ACTION ITEM >> Search the material below for "import" and copy every line where it occurs.

THE INPUT >>
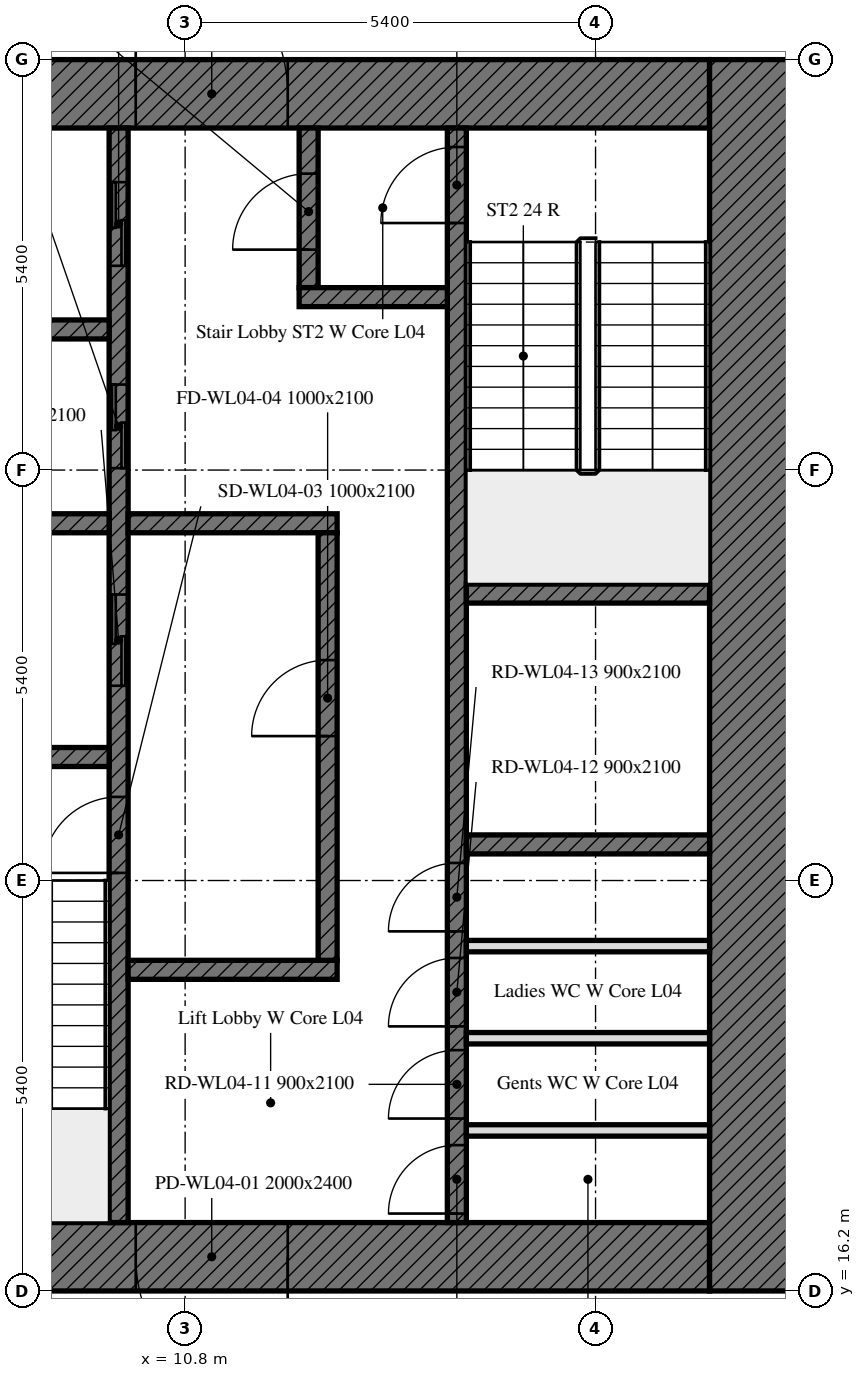
"""IFC4 building model, lengths in metres.
Left out: names, types, materials, properties, quantities, classifications, styles, units other than length and angle.
Written with IfcOpenShell. Run it as: python <this file> out.ifc"""

import sys

from ifc_helpers import new_model, si_unit, direction, frame, frame_2d, origin, place, context, subcontext, project, spatial, rectangle, extrude, element, fill, save


model = new_model("IFC4")
c1 = context("Model", 3, precision=1e-05, world=origin(), true_north=direction((0.0, 1.0)))
c2 = subcontext(c1, "Body", "Model", "MODEL_VIEW")
j1 = project(units=[si_unit("LENGTHUNIT", "METRE"), si_unit("PLANEANGLEUNIT", "RADIAN")], contexts=[c1])
p1 = place(None, origin())
s1 = spatial("IfcSite", under=j1, at=p1, CompositionType="ELEMENT")
p2 = place(p1, origin())
s2 = spatial("IfcBuilding", under=s1, at=p2, CompositionType="ELEMENT")
p3 = place(p2, frame((0.0, 0.0, 24.6)))
s3 = spatial("IfcBuildingStorey", under=s2, at=p3, CompositionType="ELEMENT", Elevation=24.6)
p4 = place(p3, frame((17.7, 16.65, 0.0), z_axis=(0.0, 0.0, 1.0), x_axis=(-1.0, 0.0, 0.0)))
e1 = element("IfcWall", 1, at=p4, inside=s3, PredefinedType="SOLIDWALL", context=c2, shape_type="SweptSolid", body=[
    extrude(rectangle(XDim=11.1, YDim=0.9, at=frame_2d((5.55, 0.0))), origin(), (0.0, 0.0, 1.0), 4.1),
])
p5 = place(p4, frame((5.55, 0.0, 0.0)))
e2 = element("IfcOpeningElement", 2, at=p5, cuts=e1, PredefinedType="OPENING", context=c2, shape_type="SweptSolid", body=[
    extrude(rectangle(XDim=2.0, YDim=2.4, at=frame_2d((1.0, 1.2))), frame((0.0, 0.45, 0.0), z_axis=(0.0, -1.0, 0.0), x_axis=(1.0, 0.0, 0.0)), (0.0, 0.0, 1.0), 0.9),
])
p6 = place(p3, frame((6.6, 31.95, 0.0), z_axis=(0.0, 0.0, 1.0), x_axis=(1.0, 0.0, 0.0)))
e3 = element("IfcWall", 3, at=p6, inside=s3, PredefinedType="SOLIDWALL", context=c2, shape_type="SweptSolid", body=[
    extrude(rectangle(XDim=11.1, YDim=0.9, at=frame_2d((5.55, 0.0))), origin(), (0.0, 0.0, 1.0), 4.1),
])
p7 = place(p6, frame((3.55, 0.0, 0.0)))
e4 = element("IfcOpeningElement", 4, at=p7, cuts=e3, PredefinedType="OPENING", context=c2, shape_type="SweptSolid", body=[
    extrude(rectangle(XDim=2.0, YDim=2.4, at=frame_2d((1.0, 1.2))), frame((0.0, 0.45, 0.0), z_axis=(0.0, -1.0, 0.0), x_axis=(1.0, 0.0, 0.0)), (0.0, 0.0, 1.0), 0.9),
])
p8 = place(p3, frame((18.3, 32.4, 0.0), z_axis=(0.0, 0.0, 1.0), x_axis=(0.0, -1.0, 0.0)))
e5 = element("IfcWall", 5, at=p8, inside=s3, PredefinedType="SOLIDWALL", context=c2, shape_type="SweptSolid", body=[
    extrude(rectangle(XDim=16.2, YDim=1.2, at=frame_2d((8.1, 0.0))), origin(), (0.0, 0.0, 1.0), 4.1),
])
p9 = place(p3, frame((9.925, 17.1, 0.0), z_axis=(0.0, 0.0, 1.0), x_axis=(0.0, 1.0, 0.0)))
e6 = element("IfcWall", 6, at=p9, inside=s3, PredefinedType="SOLIDWALL", context=c2, shape_type="SweptSolid", body=[
    extrude(rectangle(XDim=14.4, YDim=0.25, at=frame_2d((7.2, 0.0))), origin(), (0.0, 0.0, 1.0), 4.1),
])
p10 = place(p9, frame((4.6, 0.0, 0.0)))
e7 = element("IfcOpeningElement", 7, at=p10, cuts=e6, PredefinedType="OPENING", context=c2, shape_type="SweptSolid", body=[
    extrude(rectangle(XDim=1.0, YDim=2.1, at=frame_2d((0.5, 1.05))), frame((0.0, 0.125, 0.0), z_axis=(0.0, -1.0, 0.0), x_axis=(1.0, 0.0, 0.0)), (0.0, 0.0, 1.0), 0.25),
])
p11 = place(p9, frame((7.062, 0.0, 0.0)))
e8 = element("IfcOpeningElement", 8, at=p11, cuts=e6, PredefinedType="OPENING", context=c2, shape_type="SweptSolid", body=[
    extrude(rectangle(XDim=1.2, YDim=2.1, at=frame_2d((0.6, 1.05))), frame((0.0, 0.125, 0.0), z_axis=(0.0, -1.0, 0.0), x_axis=(1.0, 0.0, 0.0)), (0.0, 0.0, 1.0), 0.25),
])
p12 = place(p9, frame((9.925, 0.0, 0.0)))
e9 = element("IfcOpeningElement", 9, at=p12, cuts=e6, PredefinedType="OPENING", context=c2, shape_type="SweptSolid", body=[
    extrude(rectangle(XDim=1.1, YDim=2.1, at=frame_2d((0.55, 1.05))), frame((0.0, 0.125, 0.0), z_axis=(0.0, -1.0, 0.0), x_axis=(1.0, 0.0, 0.0)), (0.0, 0.0, 1.0), 0.25),
])
p13 = place(p9, frame((12.587, 0.0, 0.0)))
e10 = element("IfcOpeningElement", 10, at=p13, cuts=e6, PredefinedType="OPENING", context=c2, shape_type="SweptSolid", body=[
    extrude(rectangle(XDim=1.1, YDim=2.1, at=frame_2d((0.55, 1.05))), frame((0.0, 0.125, 0.0), z_axis=(0.0, -1.0, 0.0), x_axis=(1.0, 0.0, 0.0)), (0.0, 0.0, 1.0), 0.25),
])
p14 = place(p3, frame((14.375, 17.1, 0.0), z_axis=(0.0, 0.0, 1.0), x_axis=(0.0, 1.0, 0.0)))
e11 = element("IfcWall", 11, at=p14, inside=s3, PredefinedType="SOLIDWALL", context=c2, shape_type="SweptSolid", body=[
    extrude(rectangle(XDim=14.4, YDim=0.25, at=frame_2d((7.2, 0.0))), origin(), (0.0, 0.0, 1.0), 4.1),
])
p15 = place(p14, frame((13.15, 0.0, 0.0)))
e12 = element("IfcOpeningElement", 12, at=p15, cuts=e11, PredefinedType="OPENING", context=c2, shape_type="SweptSolid", body=[
    extrude(rectangle(XDim=1.0, YDim=2.1, at=frame_2d((0.5, 1.05))), frame((0.0, 0.125, 0.0), z_axis=(0.0, -1.0, 0.0), x_axis=(1.0, 0.0, 0.0)), (0.0, 0.0, 1.0), 0.25),
])
p16 = place(p14, frame((0.118, 0.0, 0.0)))
e13 = element("IfcOpeningElement", 13, at=p16, cuts=e11, PredefinedType="OPENING", context=c2, shape_type="SweptSolid", body=[
    extrude(rectangle(XDim=0.9, YDim=2.1, at=frame_2d((0.45, 1.05))), frame((0.0, 0.125, 0.0), z_axis=(0.0, -1.0, 0.0), x_axis=(1.0, 0.0, 0.0)), (0.0, 0.0, 1.0), 0.25),
])
p17 = place(p14, frame((1.368, 0.0, 0.0)))
e14 = element("IfcOpeningElement", 14, at=p17, cuts=e11, PredefinedType="OPENING", context=c2, shape_type="SweptSolid", body=[
    extrude(rectangle(XDim=0.9, YDim=2.1, at=frame_2d((0.45, 1.05))), frame((0.0, 0.125, 0.0), z_axis=(0.0, -1.0, 0.0), x_axis=(1.0, 0.0, 0.0)), (0.0, 0.0, 1.0), 0.25),
])
p18 = place(p14, frame((2.581, 0.0, 0.0)))
e15 = element("IfcOpeningElement", 15, at=p18, cuts=e11, PredefinedType="OPENING", context=c2, shape_type="SweptSolid", body=[
    extrude(rectangle(XDim=0.9, YDim=2.1, at=frame_2d((0.45, 1.05))), frame((0.0, 0.125, 0.0), z_axis=(0.0, -1.0, 0.0), x_axis=(1.0, 0.0, 0.0)), (0.0, 0.0, 1.0), 0.25),
])
p19 = place(p14, frame((3.831, 0.0, 0.0)))
e16 = element("IfcOpeningElement", 16, at=p19, cuts=e11, PredefinedType="OPENING", context=c2, shape_type="SweptSolid", body=[
    extrude(rectangle(XDim=0.9, YDim=2.1, at=frame_2d((0.45, 1.05))), frame((0.0, 0.125, 0.0), z_axis=(0.0, -1.0, 0.0), x_axis=(1.0, 0.0, 0.0)), (0.0, 0.0, 1.0), 0.25),
])
for number, where, z_axis, x_axis in (
    (17, (6.6, 23.225, 0.0), (0.0, 0.0, 1.0), (1.0, 0.0, 0.0)),
    (18, (14.5, 25.375, 0.0), (0.0, 0.0, 1.0), (1.0, 0.0, 0.0)),
    (19, (14.5, 22.075, 0.0), (0.0, 0.0, 1.0), (1.0, 0.0, 0.0)),
    (20, (6.6, 26.3, 0.0), (0.0, 0.0, 1.0), (1.0, 0.0, 0.0)),
):
    element("IfcWall", number, at=place(p3, frame(where, z_axis=z_axis, x_axis=x_axis)), inside=s3, PredefinedType="SOLIDWALL", context=c2, shape_type="SweptSolid", body=[
        extrude(rectangle(XDim=3.2, YDim=0.25, at=frame_2d((1.6, 0.0))), origin(), (0.0, 0.0, 1.0), 4.1),
    ])
for number, where, z_axis, x_axis in (
    (21, (10.05, 26.3, 0.0), (0.0, 0.0, 1.0), (1.0, 0.0, 0.0)),
    (22, (10.05, 20.425, 0.0), (0.0, 0.0, 1.0), (1.0, 0.0, 0.0)),
):
    element("IfcWall", number, at=place(p3, frame(where, z_axis=z_axis, x_axis=x_axis)), inside=s3, PredefinedType="SOLIDWALL", context=c2, shape_type="SweptSolid", body=[
        extrude(rectangle(XDim=2.75, YDim=0.25, at=frame_2d((1.375, 0.0))), origin(), (0.0, 0.0, 1.0), 4.1),
    ])
p20 = place(p3, frame((12.425, 29.4, 0.0), z_axis=(0.0, 0.0, 1.0), x_axis=(0.0, 1.0, 0.0)))
e23 = element("IfcWall", 23, at=p20, inside=s3, PredefinedType="SOLIDWALL", context=c2, shape_type="SweptSolid", body=[
    extrude(rectangle(XDim=2.1, YDim=0.25, at=frame_2d((1.05, 0.0))), origin(), (0.0, 0.0, 1.0), 4.1),
])
p21 = place(p20, frame((0.5, 0.0, 0.0)))
e24 = element("IfcOpeningElement", 24, at=p21, cuts=e23, PredefinedType="OPENING", context=c2, shape_type="SweptSolid", body=[
    extrude(rectangle(XDim=1.0, YDim=2.1, at=frame_2d((0.5, 1.05))), frame((0.0, 0.125, 0.0), z_axis=(0.0, -1.0, 0.0), x_axis=(1.0, 0.0, 0.0)), (0.0, 0.0, 1.0), 0.25),
])
p22 = place(p3, frame((12.3, 29.275, 0.0), z_axis=(0.0, 0.0, 1.0), x_axis=(1.0, 0.0, 0.0)))
e25 = element("IfcWall", 25, at=p22, inside=s3, PredefinedType="SOLIDWALL", context=c2, shape_type="SweptSolid", body=[
    extrude(rectangle(XDim=1.95, YDim=0.25, at=frame_2d((0.975, 0.0))), origin(), (0.0, 0.0, 1.0), 4.1),
])
p23 = place(p3, frame((12.675, 20.55, 0.0), z_axis=(0.0, 0.0, 1.0), x_axis=(0.0, 1.0, 0.0)))
e26 = element("IfcWall", 26, at=p23, inside=s3, PredefinedType="SOLIDWALL", context=c2, shape_type="SweptSolid", body=[
    extrude(rectangle(XDim=5.625, YDim=0.25, at=frame_2d((2.812, 0.0))), origin(), (0.0, 0.0, 1.0), 4.1),
])
p24 = place(p23, frame((2.95, 0.0, 0.0)))
e27 = element("IfcOpeningElement", 27, at=p24, cuts=e26, PredefinedType="OPENING", context=c2, shape_type="SweptSolid", body=[
    extrude(rectangle(XDim=1.0, YDim=2.1, at=frame_2d((0.5, 1.05))), frame((0.0, 0.125, 0.0), z_axis=(0.0, -1.0, 0.0), x_axis=(1.0, 0.0, 0.0)), (0.0, 0.0, 1.0), 0.25),
])
p25 = place(p3, frame((6.6, 28.85, 0.0), z_axis=(0.0, 0.0, 1.0), x_axis=(1.0, 0.0, 0.0)))
e28 = element("IfcWall", 28, at=p25, inside=s3, PredefinedType="SOLIDWALL", context=c2, shape_type="SweptSolid", body=[
    extrude(rectangle(XDim=3.2, YDim=0.25, at=frame_2d((1.6, 0.0))), origin(), (0.0, 0.0, 1.0), 4.1),
])
for number, where, z_axis, x_axis in (
    (29, (14.5, 18.312, 0.0), (0.0, 0.0, 1.0), (1.0, 0.0, 0.0)),
    (30, (14.5, 19.525, 0.0), (0.0, 0.0, 1.0), (1.0, 0.0, 0.0)),
    (31, (14.5, 20.737, 0.0), (0.0, 0.0, 1.0), (1.0, 0.0, 0.0)),
):
    element("IfcWall", number, at=place(p3, frame(where, z_axis=z_axis, x_axis=x_axis)), inside=s3, PredefinedType="PARTITIONING", context=c2, shape_type="SweptSolid", body=[
        extrude(rectangle(XDim=3.2, YDim=0.15, at=frame_2d((1.6, 0.0))), origin(), (0.0, 0.0, 1.0), 4.1),
    ])
p26 = place(p5, origin())
e32 = element("IfcDoor", 32, at=p26, inside=s3, OperationType="DOUBLE_DOOR_SINGLE_SWING", PredefinedType="DOOR", context=c2, shape_type="SweptSolid", body=[
    extrude(rectangle(XDim=2.0, YDim=2.4, at=frame_2d((1.0, 1.2))), frame((0.0, 0.025, 0.0), z_axis=(0.0, -1.0, 0.0), x_axis=(1.0, 0.0, 0.0)), (0.0, 0.0, 1.0), 0.05),
])
fill(e2, e32)
p27 = place(p7, origin())
e33 = element("IfcDoor", 33, at=p27, inside=s3, OperationType="DOUBLE_DOOR_SINGLE_SWING", PredefinedType="DOOR", context=c2, shape_type="SweptSolid", body=[
    extrude(rectangle(XDim=2.0, YDim=2.4, at=frame_2d((1.0, 1.2))), frame((0.0, 0.025, 0.0), z_axis=(0.0, -1.0, 0.0), x_axis=(1.0, 0.0, 0.0)), (0.0, 0.0, 1.0), 0.05),
])
fill(e4, e33)
p28 = place(p10, origin())
e34 = element("IfcDoor", 34, at=p28, inside=s3, OperationType="SINGLE_SWING_LEFT", PredefinedType="DOOR", context=c2, shape_type="SweptSolid", body=[
    extrude(rectangle(XDim=1.0, YDim=2.1, at=frame_2d((0.5, 1.05))), frame((0.0, 0.025, 0.0), z_axis=(0.0, -1.0, 0.0), x_axis=(1.0, 0.0, 0.0)), (0.0, 0.0, 1.0), 0.05),
])
fill(e7, e34)
p29 = place(p24, origin())
e35 = element("IfcDoor", 35, at=p29, inside=s3, OperationType="SINGLE_SWING_LEFT", PredefinedType="DOOR", context=c2, shape_type="SweptSolid", body=[
    extrude(rectangle(XDim=1.0, YDim=2.1, at=frame_2d((0.5, 1.05))), frame((0.0, 0.025, 0.0), z_axis=(0.0, -1.0, 0.0), x_axis=(1.0, 0.0, 0.0)), (0.0, 0.0, 1.0), 0.05),
])
fill(e27, e35)
p30 = place(p15, origin())
e36 = element("IfcDoor", 36, at=p30, inside=s3, OperationType="SINGLE_SWING_LEFT", PredefinedType="DOOR", context=c2, shape_type="SweptSolid", body=[
    extrude(rectangle(XDim=1.0, YDim=2.1, at=frame_2d((0.5, 1.05))), frame((0.0, 0.025, 0.0), z_axis=(0.0, -1.0, 0.0), x_axis=(1.0, 0.0, 0.0)), (0.0, 0.0, 1.0), 0.05),
])
fill(e12, e36)
p31 = place(p21, origin())
e37 = element("IfcDoor", 37, at=p31, inside=s3, OperationType="SINGLE_SWING_LEFT", PredefinedType="DOOR", context=c2, shape_type="SweptSolid", body=[
    extrude(rectangle(XDim=1.0, YDim=2.1, at=frame_2d((0.5, 1.05))), frame((0.0, 0.025, 0.0), z_axis=(0.0, -1.0, 0.0), x_axis=(1.0, 0.0, 0.0)), (0.0, 0.0, 1.0), 0.05),
])
fill(e24, e37)
p32 = place(p11, origin())
e38 = element("IfcDoor", 38, at=p32, inside=s3, OperationType="DOUBLE_DOOR_SLIDING", PredefinedType="DOOR", context=c2, shape_type="SweptSolid", body=[
    extrude(rectangle(XDim=1.2, YDim=2.1, at=frame_2d((0.6, 1.05))), frame((0.0, 0.025, 0.0), z_axis=(0.0, -1.0, 0.0), x_axis=(1.0, 0.0, 0.0)), (0.0, 0.0, 1.0), 0.05),
])
fill(e8, e38)
p33 = place(p12, origin())
e39 = element("IfcDoor", 39, at=p33, inside=s3, OperationType="DOUBLE_DOOR_SLIDING", PredefinedType="DOOR", context=c2, shape_type="SweptSolid", body=[
    extrude(rectangle(XDim=1.1, YDim=2.1, at=frame_2d((0.55, 1.05))), frame((0.0, 0.025, 0.0), z_axis=(0.0, -1.0, 0.0), x_axis=(1.0, 0.0, 0.0)), (0.0, 0.0, 1.0), 0.05),
])
fill(e9, e39)
p34 = place(p13, origin())
e40 = element("IfcDoor", 40, at=p34, inside=s3, OperationType="DOUBLE_DOOR_SLIDING", PredefinedType="DOOR", context=c2, shape_type="SweptSolid", body=[
    extrude(rectangle(XDim=1.1, YDim=2.1, at=frame_2d((0.55, 1.05))), frame((0.0, 0.025, 0.0), z_axis=(0.0, -1.0, 0.0), x_axis=(1.0, 0.0, 0.0)), (0.0, 0.0, 1.0), 0.05),
])
fill(e10, e40)
p35 = place(p16, origin())
e41 = element("IfcDoor", 41, at=p35, inside=s3, OperationType="SINGLE_SWING_LEFT", PredefinedType="DOOR", context=c2, shape_type="SweptSolid", body=[
    extrude(rectangle(XDim=0.9, YDim=2.1, at=frame_2d((0.45, 1.05))), frame((0.0, 0.025, 0.0), z_axis=(0.0, -1.0, 0.0), x_axis=(1.0, 0.0, 0.0)), (0.0, 0.0, 1.0), 0.05),
])
fill(e13, e41)
p36 = place(p17, origin())
e42 = element("IfcDoor", 42, at=p36, inside=s3, OperationType="SINGLE_SWING_LEFT", PredefinedType="DOOR", context=c2, shape_type="SweptSolid", body=[
    extrude(rectangle(XDim=0.9, YDim=2.1, at=frame_2d((0.45, 1.05))), frame((0.0, 0.025, 0.0), z_axis=(0.0, -1.0, 0.0), x_axis=(1.0, 0.0, 0.0)), (0.0, 0.0, 1.0), 0.05),
])
fill(e14, e42)
p37 = place(p18, origin())
e43 = element("IfcDoor", 43, at=p37, inside=s3, OperationType="SINGLE_SWING_LEFT", PredefinedType="DOOR", context=c2, shape_type="SweptSolid", body=[
    extrude(rectangle(XDim=0.9, YDim=2.1, at=frame_2d((0.45, 1.05))), frame((0.0, 0.025, 0.0), z_axis=(0.0, -1.0, 0.0), x_axis=(1.0, 0.0, 0.0)), (0.0, 0.0, 1.0), 0.05),
])
fill(e15, e43)
p38 = place(p19, origin())
e44 = element("IfcDoor", 44, at=p38, inside=s3, OperationType="SINGLE_SWING_LEFT", PredefinedType="DOOR", context=c2, shape_type="SweptSolid", body=[
    extrude(rectangle(XDim=0.9, YDim=2.1, at=frame_2d((0.45, 1.05))), frame((0.0, 0.025, 0.0), z_axis=(0.0, -1.0, 0.0), x_axis=(1.0, 0.0, 0.0)), (0.0, 0.0, 1.0), 0.05),
])
fill(e16, e44)
save(model, sys.argv[1])

ANSWER BOX >>
import sys
from ifc_helpers import new_model, si_unit, direction, frame, frame_2d, origin, place, context, subcontext, project, spatial, rectangle, extrude, element, fill, save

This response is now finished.